# EXERCISE AIM
Your response should be every line from the entries that includes the string "rectangular".

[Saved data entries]
-*-

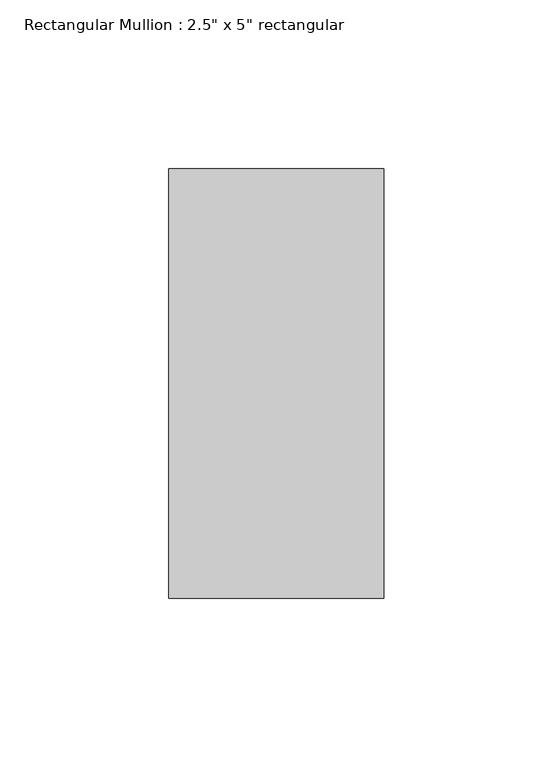
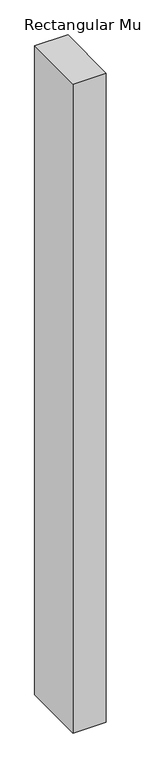
"""IFC4 building model written with IfcOpenShell, lengths in millimetres: member geometry."""

from ifc_helpers import new_model, si_unit, frame, origin, place, context, project, spatial, polyline, outline, extrude, source, transform, mapped, element, save


def member_ae54c2fa(model_context):
    return source(origin(), model_context, "Body", "SweptSolid", [
        extrude(outline(polyline([(31.75, 63.5), (31.75, -63.5), (-31.75, -63.5), (-31.75, 63.5), (31.75, 63.5)])), frame((0.0, 0.0, -1312.0463864), z_axis=(0.0, 0.0, 1.0), x_axis=(1.0, 0.0, 0.0)), (0.0, 0.0, 1.0), 1312.0463864),
    ])


if __name__ == "__main__":
    model = new_model("IFC4")
    model_context = context("Model", 3, world=origin())
    ifc_project = project(units=[si_unit("LENGTHUNIT", "METRE", prefix="MILLI")], contexts=[model_context])
    site = spatial("IfcSite", under=ifc_project)
    building = spatial("IfcBuilding", under=site)
    placement = place(None, origin())
    member_shape = member_ae54c2fa(model_context)
    element("IfcMember", 1, ObjectType="Rectangular Mullion : 2.5\" x 5\" rectangular", at=placement, inside=building, context=model_context, shape_type="MappedRepresentation", body=[
        mapped(member_shape, transform((0.0, 0.0, 0.0), x_axis=(1.0, 0.0, 0.0), y_axis=(0.0, 1.0, 0.0), z_axis=(0.0, 0.0, 1.0))),
    ])
    save(model, "model.ifc")

# Revit data of these elements
# Type "Rectangular Mullion : 2.5\" x 5\" rectangular"
#   built-in parameter 1007304 = 0.416667 (stored number, unit not read)
#   built-in parameter 1007301 = 0.104167 (stored number, unit not read)
#   built-in parameter 1007300 = 0.104167 (stored number, unit not read)
# Element 1 (IfcMember, "Rectangular Mullion : 2.5\" x 5\" rectangular")
#   Materials on its faces: "Aluminum"
# Materials
#   "Aluminum": class "Metal", colour RGB 247 247 247, transparency 0, Description = "Aluminum 6061", Cost = 0

-*-

# TASK OUTPUT
    element("IfcMember", 1, ObjectType="Rectangular Mullion : 2.5\" x 5\" rectangular", at=placement, inside=building, context=model_context, shape_type="MappedRepresentation", body=[
# Type "Rectangular Mullion : 2.5\" x 5\" rectangular"
# Element 1 (IfcMember, "Rectangular Mullion : 2.5\" x 5\" rectangular")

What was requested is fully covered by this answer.